*** SUPPLIED RECORDS ***

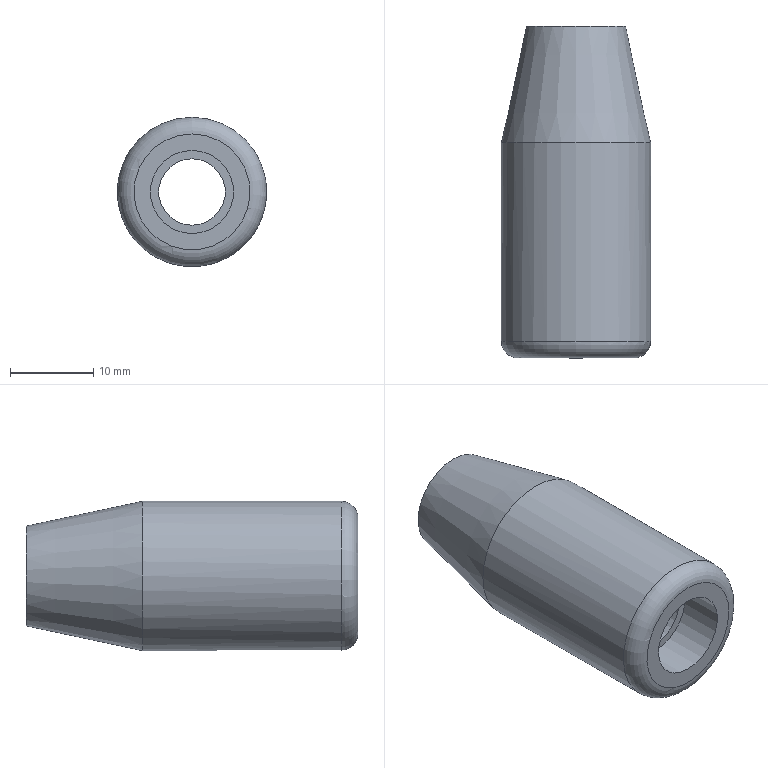Component | NX | HANDLE | 1 solid | 8 faces | box 17.95 x 39.9 x 17.95 mm | volume 6847 mm3 | plane 3 | cylinder 3 | cone 1 | torus 1 | commonest cylinder face diameters 17.952 x1 8 x1 10 x1
STEP:
#1=CARTESIAN_POINT('',(0.,0.,0.));
#2=DIRECTION('',(0.,0.,1.));
#3=DIRECTION('',(1.,0.,0.));
#4=AXIS2_PLACEMENT_3D('',#1,#2,#3);
#5=CARTESIAN_POINT('',(-0.,-194.8,71.));
#6=VERTEX_POINT('',#5);
#7=CARTESIAN_POINT('',(-0.,-194.8,67.));
#8=DIRECTION('',(0.,1.,0.));
#9=DIRECTION('',(0.,0.,1.));
#10=AXIS2_PLACEMENT_3D('',#7,#8,#9);
#11=CIRCLE('',#10,4.);
#12=CARTESIAN_POINT('',(-0.,-194.8,67.));
#13=DIRECTION('',(0.,1.,0.));
#14=DIRECTION('',(0.,0.,1.));
#15=AXIS2_PLACEMENT_3D('',#12,#13,#14);
#16=PLANE('',#15);
#17=CARTESIAN_POINT('',(0.,0.));
#18=DIRECTION('',(1.,0.));
#19=AXIS2_PLACEMENT_2D('',#17,#18);
#20=CIRCLE('',#19,4.);
#21=(GEOMETRIC_REPRESENTATION_CONTEXT(2)PARAMETRIC_REPRESENTATION_CONTEXT()REPRESENTATION_CONTEXT('',''));
#22=DEFINITIONAL_REPRESENTATION('',(#20),#21);
#23=PCURVE('',#16,#22);
#24=CARTESIAN_POINT('',(-0.,-188.739,67.));
#25=DIRECTION('',(0.,1.,0.));
#26=DIRECTION('',(0.,0.,1.));
#27=AXIS2_PLACEMENT_3D('',#24,#25,#26);
#28=CYLINDRICAL_SURFACE('',#27,4.);
#29=CARTESIAN_POINT('',(0.,-6.061));
#30=DIRECTION('',(1.,0.));
#31=VECTOR('',#30,1.);
#32=LINE('',#29,#31);
#33=(GEOMETRIC_REPRESENTATION_CONTEXT(2)PARAMETRIC_REPRESENTATION_CONTEXT()REPRESENTATION_CONTEXT('',''));
#34=DEFINITIONAL_REPRESENTATION('',(#32),#33);
#35=PCURVE('',#28,#34);
#36=SURFACE_CURVE('',#11,(#23,#35),.PCURVE_S1.);
#37=EDGE_CURVE('',#6,#6,#36,.T.);
#38=ORIENTED_EDGE('',*,*,#37,.F.);
#39=EDGE_LOOP('',(#38));
#40=FACE_BOUND('',#39,.T.);
#41=CARTESIAN_POINT('',(-0.,-194.8,61.));
#42=VERTEX_POINT('',#41);
#43=CARTESIAN_POINT('',(-0.,-194.8,67.));
#44=DIRECTION('',(0.,-1.,0.));
#45=DIRECTION('',(0.,0.,-1.));
#46=AXIS2_PLACEMENT_3D('',#43,#44,#45);
#47=CIRCLE('',#46,6.);
#48=CARTESIAN_POINT('',(-6.,0.));
#49=CARTESIAN_POINT('',(-6.,10.392));
#50=CARTESIAN_POINT('',(3.,5.196));
#51=CARTESIAN_POINT('',(12.,0.));
#52=CARTESIAN_POINT('',(3.,-5.196));
#53=CARTESIAN_POINT('',(-6.,-10.392));
#54=CARTESIAN_POINT('',(-6.,0.));
#55=(BOUNDED_CURVE()B_SPLINE_CURVE(2,(#48,#49,#50,#51,#52,#53,#54),.UNSPECIFIED.,.T.,.F.)B_SPLINE_CURVE_WITH_KNOTS((1,2,2,2,2,1),(-2.094,0.,2.094,4.189,6.283,8.378),.UNSPECIFIED.)CURVE()GEOMETRIC_REPRESENTATION_ITEM()RATIONAL_B_SPLINE_CURVE((1.,0.5,1.,0.5,1.,0.5,1.))REPRESENTATION_ITEM(''));
#56=(GEOMETRIC_REPRESENTATION_CONTEXT(2)PARAMETRIC_REPRESENTATION_CONTEXT()REPRESENTATION_CONTEXT('',''));
#57=DEFINITIONAL_REPRESENTATION('',(#55),#56);
#58=PCURVE('',#16,#57);
#59=CARTESIAN_POINT('',(-0.,-194.8,67.));
#60=DIRECTION('',(0.,-1.,0.));
#61=DIRECTION('',(0.,0.,-1.));
#62=AXIS2_PLACEMENT_3D('',#59,#60,#61);
#63=CONICAL_SURFACE('',#62,6.,0.2094);
#64=CARTESIAN_POINT('',(0.,0.));
#65=DIRECTION('',(1.,0.));
#66=VECTOR('',#65,1.);
#67=LINE('',#64,#66);
#68=(GEOMETRIC_REPRESENTATION_CONTEXT(2)PARAMETRIC_REPRESENTATION_CONTEXT()REPRESENTATION_CONTEXT('',''));
#69=DEFINITIONAL_REPRESENTATION('',(#67),#68);
#70=PCURVE('',#63,#69);
#71=SURFACE_CURVE('',#47,(#58,#70),.PCURVE_S1.);
#72=EDGE_CURVE('',#42,#42,#71,.T.);
#73=ORIENTED_EDGE('',*,*,#72,.F.);
#74=EDGE_LOOP('',(#73));
#75=FACE_BOUND('',#74,.T.);
#76=ADVANCED_FACE('',(#40,#75),#16,.T.);
#77=ORIENTED_EDGE('',*,*,#72,.T.);
#78=CARTESIAN_POINT('',(-0.,-208.8,58.024));
#79=VERTEX_POINT('',#78);
#80=CARTESIAN_POINT('',(-0.,-194.8,61.));
#81=CARTESIAN_POINT('',(-0.,-208.8,58.024));
#82=B_SPLINE_CURVE_WITH_KNOTS('',1,(#80,#81),.UNSPECIFIED.,.F.,.F.,(2,2),(0.,14.313),.PIECEWISE_BEZIER_KNOTS.);
#83=CARTESIAN_POINT('',(6.283,0.));
#84=DIRECTION('',(0.,1.));
#85=VECTOR('',#84,1.);
#86=LINE('',#83,#85);
#87=(GEOMETRIC_REPRESENTATION_CONTEXT(2)PARAMETRIC_REPRESENTATION_CONTEXT()REPRESENTATION_CONTEXT('',''));
#88=DEFINITIONAL_REPRESENTATION('',(#86),#87);
#89=PCURVE('',#63,#88);
#90=CARTESIAN_POINT('',(0.,0.));
#91=DIRECTION('',(0.,1.));
#92=VECTOR('',#91,1.);
#93=LINE('',#90,#92);
#94=(GEOMETRIC_REPRESENTATION_CONTEXT(2)PARAMETRIC_REPRESENTATION_CONTEXT()REPRESENTATION_CONTEXT('',''));
#95=DEFINITIONAL_REPRESENTATION('',(#93),#94);
#96=PCURVE('',#63,#95);
#97=SEAM_CURVE('',#82,(#89,#96),.PCURVE_S1.);
#98=EDGE_CURVE('',#42,#79,#97,.T.);
#99=ORIENTED_EDGE('',*,*,#98,.T.);
#100=CARTESIAN_POINT('',(-0.,-208.8,75.976));
#101=VERTEX_POINT('',#100);
#102=CARTESIAN_POINT('',(-0.,-208.8,67.));
#103=DIRECTION('',(0.,1.,0.));
#104=DIRECTION('',(0.,0.,-1.));
#105=AXIS2_PLACEMENT_3D('',#102,#103,#104);
#106=CIRCLE('',#105,8.976);
#107=CARTESIAN_POINT('',(6.283,14.));
#108=DIRECTION('',(-1.,0.));
#109=VECTOR('',#108,1.);
#110=LINE('',#107,#109);
#111=(GEOMETRIC_REPRESENTATION_CONTEXT(2)PARAMETRIC_REPRESENTATION_CONTEXT()REPRESENTATION_CONTEXT('',''));
#112=DEFINITIONAL_REPRESENTATION('',(#110),#111);
#113=PCURVE('',#63,#112);
#114=CARTESIAN_POINT('',(-0.,-234.7,67.));
#115=DIRECTION('',(0.,1.,0.));
#116=DIRECTION('',(0.,0.,1.));
#117=AXIS2_PLACEMENT_3D('',#114,#115,#116);
#118=CYLINDRICAL_SURFACE('',#117,8.976);
#119=CARTESIAN_POINT('',(3.142,25.9));
#120=DIRECTION('',(1.,0.));
#121=VECTOR('',#120,1.);
#122=LINE('',#119,#121);
#123=(GEOMETRIC_REPRESENTATION_CONTEXT(2)PARAMETRIC_REPRESENTATION_CONTEXT()REPRESENTATION_CONTEXT('',''));
#124=DEFINITIONAL_REPRESENTATION('',(#122),#123);
#125=PCURVE('',#118,#124);
#126=SURFACE_CURVE('',#106,(#113,#125),.PCURVE_S1.);
#127=EDGE_CURVE('',#79,#101,#126,.T.);
#128=ORIENTED_EDGE('',*,*,#127,.T.);
#129=CARTESIAN_POINT('',(-0.,-208.8,67.));
#130=DIRECTION('',(0.,1.,0.));
#131=DIRECTION('',(0.,0.,-1.));
#132=AXIS2_PLACEMENT_3D('',#129,#130,#131);
#133=CIRCLE('',#132,8.976);
#134=CARTESIAN_POINT('',(6.283,14.));
#135=DIRECTION('',(-1.,0.));
#136=VECTOR('',#135,1.);
#137=LINE('',#134,#136);
#138=(GEOMETRIC_REPRESENTATION_CONTEXT(2)PARAMETRIC_REPRESENTATION_CONTEXT()REPRESENTATION_CONTEXT('',''));
#139=DEFINITIONAL_REPRESENTATION('',(#137),#138);
#140=PCURVE('',#63,#139);
#141=CARTESIAN_POINT('',(-3.142,25.9));
#142=DIRECTION('',(1.,0.));
#143=VECTOR('',#142,1.);
#144=LINE('',#141,#143);
#145=(GEOMETRIC_REPRESENTATION_CONTEXT(2)PARAMETRIC_REPRESENTATION_CONTEXT()REPRESENTATION_CONTEXT('',''));
#146=DEFINITIONAL_REPRESENTATION('',(#144),#145);
#147=PCURVE('',#118,#146);
#148=SURFACE_CURVE('',#133,(#140,#147),.PCURVE_S1.);
#149=EDGE_CURVE('',#101,#79,#148,.T.);
#150=ORIENTED_EDGE('',*,*,#149,.T.);
#151=ORIENTED_EDGE('',*,*,#98,.F.);
#152=EDGE_LOOP('',(#77,#99,#128,#150,#151));
#153=FACE_BOUND('',#152,.T.);
#154=ADVANCED_FACE('',(#153),#63,.T.);
#155=CARTESIAN_POINT('',(-0.,-232.7,75.976));
#156=VERTEX_POINT('',#155);
#157=CARTESIAN_POINT('',(-0.,-232.7,67.));
#158=DIRECTION('',(0.,1.,0.));
#159=DIRECTION('',(0.,0.,1.));
#160=AXIS2_PLACEMENT_3D('',#157,#158,#159);
#161=CIRCLE('',#160,8.976);
#162=CARTESIAN_POINT('',(0.,2.));
#163=DIRECTION('',(1.,0.));
#164=VECTOR('',#163,1.);
#165=LINE('',#162,#164);
#166=(GEOMETRIC_REPRESENTATION_CONTEXT(2)PARAMETRIC_REPRESENTATION_CONTEXT()REPRESENTATION_CONTEXT('',''));
#167=DEFINITIONAL_REPRESENTATION('',(#165),#166);
#168=PCURVE('',#118,#167);
#169=CARTESIAN_POINT('',(-0.,-232.7,67.));
#170=DIRECTION('',(0.,1.,0.));
#171=DIRECTION('',(0.,0.,1.));
#172=AXIS2_PLACEMENT_3D('',#169,#170,#171);
#173=TOROIDAL_SURFACE('',#172,6.976,2.);
#174=CARTESIAN_POINT('',(0.,6.283));
#175=DIRECTION('',(1.,0.));
#176=VECTOR('',#175,1.);
#177=LINE('',#174,#176);
#178=(GEOMETRIC_REPRESENTATION_CONTEXT(2)PARAMETRIC_REPRESENTATION_CONTEXT()REPRESENTATION_CONTEXT('',''));
#179=DEFINITIONAL_REPRESENTATION('',(#177),#178);
#180=PCURVE('',#173,#179);
#181=SURFACE_CURVE('',#161,(#168,#180),.PCURVE_S1.);
#182=EDGE_CURVE('',#156,#156,#181,.T.);
#183=ORIENTED_EDGE('',*,*,#182,.T.);
#184=CARTESIAN_POINT('',(-0.,-232.7,75.976));
#185=CARTESIAN_POINT('',(-0.,-208.8,75.976));
#186=B_SPLINE_CURVE_WITH_KNOTS('',1,(#184,#185),.UNSPECIFIED.,.F.,.F.,(2,2),(2.,25.9),.PIECEWISE_BEZIER_KNOTS.);
#187=CARTESIAN_POINT('',(6.283,0.));
#188=DIRECTION('',(0.,1.));
#189=VECTOR('',#188,1.);
#190=LINE('',#187,#189);
#191=(GEOMETRIC_REPRESENTATION_CONTEXT(2)PARAMETRIC_REPRESENTATION_CONTEXT()REPRESENTATION_CONTEXT('',''));
#192=DEFINITIONAL_REPRESENTATION('',(#190),#191);
#193=PCURVE('',#118,#192);
#194=CARTESIAN_POINT('',(0.,0.));
#195=DIRECTION('',(0.,1.));
#196=VECTOR('',#195,1.);
#197=LINE('',#194,#196);
#198=(GEOMETRIC_REPRESENTATION_CONTEXT(2)PARAMETRIC_REPRESENTATION_CONTEXT()REPRESENTATION_CONTEXT('',''));
#199=DEFINITIONAL_REPRESENTATION('',(#197),#198);
#200=PCURVE('',#118,#199);
#201=SEAM_CURVE('',#186,(#193,#200),.PCURVE_S1.);
#202=EDGE_CURVE('',#156,#101,#201,.T.);
#203=ORIENTED_EDGE('',*,*,#202,.T.);
#204=ORIENTED_EDGE('',*,*,#127,.F.);
#205=ORIENTED_EDGE('',*,*,#149,.F.);
#206=ORIENTED_EDGE('',*,*,#202,.F.);
#207=EDGE_LOOP('',(#183,#203,#204,#205,#206));
#208=FACE_BOUND('',#207,.T.);
#209=ADVANCED_FACE('',(#208),#118,.T.);
#210=CARTESIAN_POINT('',(-0.,-234.7,73.976));
#211=VERTEX_POINT('',#210);
#212=CARTESIAN_POINT('',(-0.,-234.7,67.));
#213=DIRECTION('',(0.,-1.,0.));
#214=DIRECTION('',(0.,0.,1.));
#215=AXIS2_PLACEMENT_3D('',#212,#213,#214);
#216=CIRCLE('',#215,6.976);
#217=CARTESIAN_POINT('',(-0.,-234.7,67.));
#218=DIRECTION('',(0.,1.,0.));
#219=DIRECTION('',(0.,0.,1.));
#220=AXIS2_PLACEMENT_3D('',#217,#218,#219);
#221=PLANE('',#220);
#222=CARTESIAN_POINT('',(6.976,0.));
#223=CARTESIAN_POINT('',(6.976,-12.082));
#224=CARTESIAN_POINT('',(-3.488,-6.041));
#225=CARTESIAN_POINT('',(-13.952,-0.));
#226=CARTESIAN_POINT('',(-3.488,6.041));
#227=CARTESIAN_POINT('',(6.976,12.082));
#228=CARTESIAN_POINT('',(6.976,0.));
#229=(BOUNDED_CURVE()B_SPLINE_CURVE(2,(#222,#223,#224,#225,#226,#227,#228),.UNSPECIFIED.,.T.,.F.)B_SPLINE_CURVE_WITH_KNOTS((1,2,2,2,2,1),(-2.094,0.,2.094,4.189,6.283,8.378),.UNSPECIFIED.)CURVE()GEOMETRIC_REPRESENTATION_ITEM()RATIONAL_B_SPLINE_CURVE((1.,0.5,1.,0.5,1.,0.5,1.))REPRESENTATION_ITEM(''));
#230=(GEOMETRIC_REPRESENTATION_CONTEXT(2)PARAMETRIC_REPRESENTATION_CONTEXT()REPRESENTATION_CONTEXT('',''));
#231=DEFINITIONAL_REPRESENTATION('',(#229),#230);
#232=PCURVE('',#221,#231);
#233=CARTESIAN_POINT('',(6.283,4.712));
#234=DIRECTION('',(-1.,0.));
#235=VECTOR('',#234,1.);
#236=LINE('',#233,#235);
#237=(GEOMETRIC_REPRESENTATION_CONTEXT(2)PARAMETRIC_REPRESENTATION_CONTEXT()REPRESENTATION_CONTEXT('',''));
#238=DEFINITIONAL_REPRESENTATION('',(#236),#237);
#239=PCURVE('',#173,#238);
#240=SURFACE_CURVE('',#216,(#232,#239),.PCURVE_S1.);
#241=EDGE_CURVE('',#211,#211,#240,.T.);
#242=ORIENTED_EDGE('',*,*,#241,.T.);
#243=EDGE_LOOP('',(#242));
#244=FACE_BOUND('',#243,.T.);
#245=CARTESIAN_POINT('',(-0.,-234.7,72.));
#246=VERTEX_POINT('',#245);
#247=CARTESIAN_POINT('',(-0.,-234.7,67.));
#248=DIRECTION('',(0.,1.,0.));
#249=DIRECTION('',(0.,0.,1.));
#250=AXIS2_PLACEMENT_3D('',#247,#248,#249);
#251=CIRCLE('',#250,5.);
#252=CARTESIAN_POINT('',(0.,0.));
#253=DIRECTION('',(1.,0.));
#254=AXIS2_PLACEMENT_2D('',#252,#253);
#255=CIRCLE('',#254,5.);
#256=(GEOMETRIC_REPRESENTATION_CONTEXT(2)PARAMETRIC_REPRESENTATION_CONTEXT()REPRESENTATION_CONTEXT('',''));
#257=DEFINITIONAL_REPRESENTATION('',(#255),#256);
#258=PCURVE('',#221,#257);
#259=CARTESIAN_POINT('',(-0.,-234.7,67.));
#260=DIRECTION('',(0.,1.,0.));
#261=DIRECTION('',(0.,0.,1.));
#262=AXIS2_PLACEMENT_3D('',#259,#260,#261);
#263=CYLINDRICAL_SURFACE('',#262,5.);
#264=CARTESIAN_POINT('',(0.,0.));
#265=DIRECTION('',(1.,0.));
#266=VECTOR('',#265,1.);
#267=LINE('',#264,#266);
#268=(GEOMETRIC_REPRESENTATION_CONTEXT(2)PARAMETRIC_REPRESENTATION_CONTEXT()REPRESENTATION_CONTEXT('',''));
#269=DEFINITIONAL_REPRESENTATION('',(#267),#268);
#270=PCURVE('',#263,#269);
#271=SURFACE_CURVE('',#251,(#258,#270),.PCURVE_S1.);
#272=EDGE_CURVE('',#246,#246,#271,.T.);
#273=ORIENTED_EDGE('',*,*,#272,.T.);
#274=EDGE_LOOP('',(#273));
#275=FACE_BOUND('',#274,.T.);
#276=ADVANCED_FACE('',(#244,#275),#221,.F.);
#277=ORIENTED_EDGE('',*,*,#37,.F.);
#278=CARTESIAN_POINT('',(-0.,-229.2,71.));
#279=VERTEX_POINT('',#278);
#280=CARTESIAN_POINT('',(-0.,-229.2,71.));
#281=CARTESIAN_POINT('',(-0.,-194.8,71.));
#282=B_SPLINE_CURVE_WITH_KNOTS('',1,(#280,#281),.UNSPECIFIED.,.F.,.F.,(2,2),(-40.461,-6.061),.PIECEWISE_BEZIER_KNOTS.);
#283=CARTESIAN_POINT('',(0.,0.));
#284=DIRECTION('',(0.,1.));
#285=VECTOR('',#284,1.);
#286=LINE('',#283,#285);
#287=(GEOMETRIC_REPRESENTATION_CONTEXT(2)PARAMETRIC_REPRESENTATION_CONTEXT()REPRESENTATION_CONTEXT('',''));
#288=DEFINITIONAL_REPRESENTATION('',(#286),#287);
#289=PCURVE('',#28,#288);
#290=CARTESIAN_POINT('',(6.283,0.));
#291=DIRECTION('',(0.,1.));
#292=VECTOR('',#291,1.);
#293=LINE('',#290,#292);
#294=(GEOMETRIC_REPRESENTATION_CONTEXT(2)PARAMETRIC_REPRESENTATION_CONTEXT()REPRESENTATION_CONTEXT('',''));
#295=DEFINITIONAL_REPRESENTATION('',(#293),#294);
#296=PCURVE('',#28,#295);
#297=SEAM_CURVE('',#282,(#289,#296),.PCURVE_S1.);
#298=EDGE_CURVE('',#279,#6,#297,.T.);
#299=ORIENTED_EDGE('',*,*,#298,.F.);
#300=CARTESIAN_POINT('',(-0.,-229.2,67.));
#301=DIRECTION('',(0.,-1.,0.));
#302=DIRECTION('',(0.,0.,1.));
#303=AXIS2_PLACEMENT_3D('',#300,#301,#302);
#304=CIRCLE('',#303,4.);
#305=CARTESIAN_POINT('',(6.283,-40.461));
#306=DIRECTION('',(-1.,0.));
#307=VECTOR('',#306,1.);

*** End of SUPPLIED RECORDS ***

### GOAL OF THE EXERCISE
Among the entries above, the line containing "#19=AXIS2_PLACEMENT_2D('',#17,#18);", the line containing "#46=AXIS2_PLACEMENT_3D('',#43,#44,#45);", and all lines between them are to be restated word for word; nothing else belongs in the reply.

### REPLY
#19=AXIS2_PLACEMENT_2D('',#17,#18);
#20=CIRCLE('',#19,4.);
#21=(GEOMETRIC_REPRESENTATION_CONTEXT(2)PARAMETRIC_REPRESENTATION_CONTEXT()REPRESENTATION_CONTEXT('',''));
#22=DEFINITIONAL_REPRESENTATION('',(#20),#21);
#23=PCURVE('',#16,#22);
#24=CARTESIAN_POINT('',(-0.,-188.739,67.));
#25=DIRECTION('',(0.,1.,0.));
#26=DIRECTION('',(0.,0.,1.));
#27=AXIS2_PLACEMENT_3D('',#24,#25,#26);
#28=CYLINDRICAL_SURFACE('',#27,4.);
#29=CARTESIAN_POINT('',(0.,-6.061));
#30=DIRECTION('',(1.,0.));
#31=VECTOR('',#30,1.);
#32=LINE('',#29,#31);
#33=(GEOMETRIC_REPRESENTATION_CONTEXT(2)PARAMETRIC_REPRESENTATION_CONTEXT()REPRESENTATION_CONTEXT('',''));
#34=DEFINITIONAL_REPRESENTATION('',(#32),#33);
#35=PCURVE('',#28,#34);
#36=SURFACE_CURVE('',#11,(#23,#35),.PCURVE_S1.);
#37=EDGE_CURVE('',#6,#6,#36,.T.);
#38=ORIENTED_EDGE('',*,*,#37,.F.);
#39=EDGE_LOOP('',(#38));
#40=FACE_BOUND('',#39,.T.);
#41=CARTESIAN_POINT('',(-0.,-194.8,61.));
#42=VERTEX_POINT('',#41);
#43=CARTESIAN_POINT('',(-0.,-194.8,67.));
#44=DIRECTION('',(0.,-1.,0.));
#45=DIRECTION('',(0.,0.,-1.));
#46=AXIS2_PLACEMENT_3D('',#43,#44,#45);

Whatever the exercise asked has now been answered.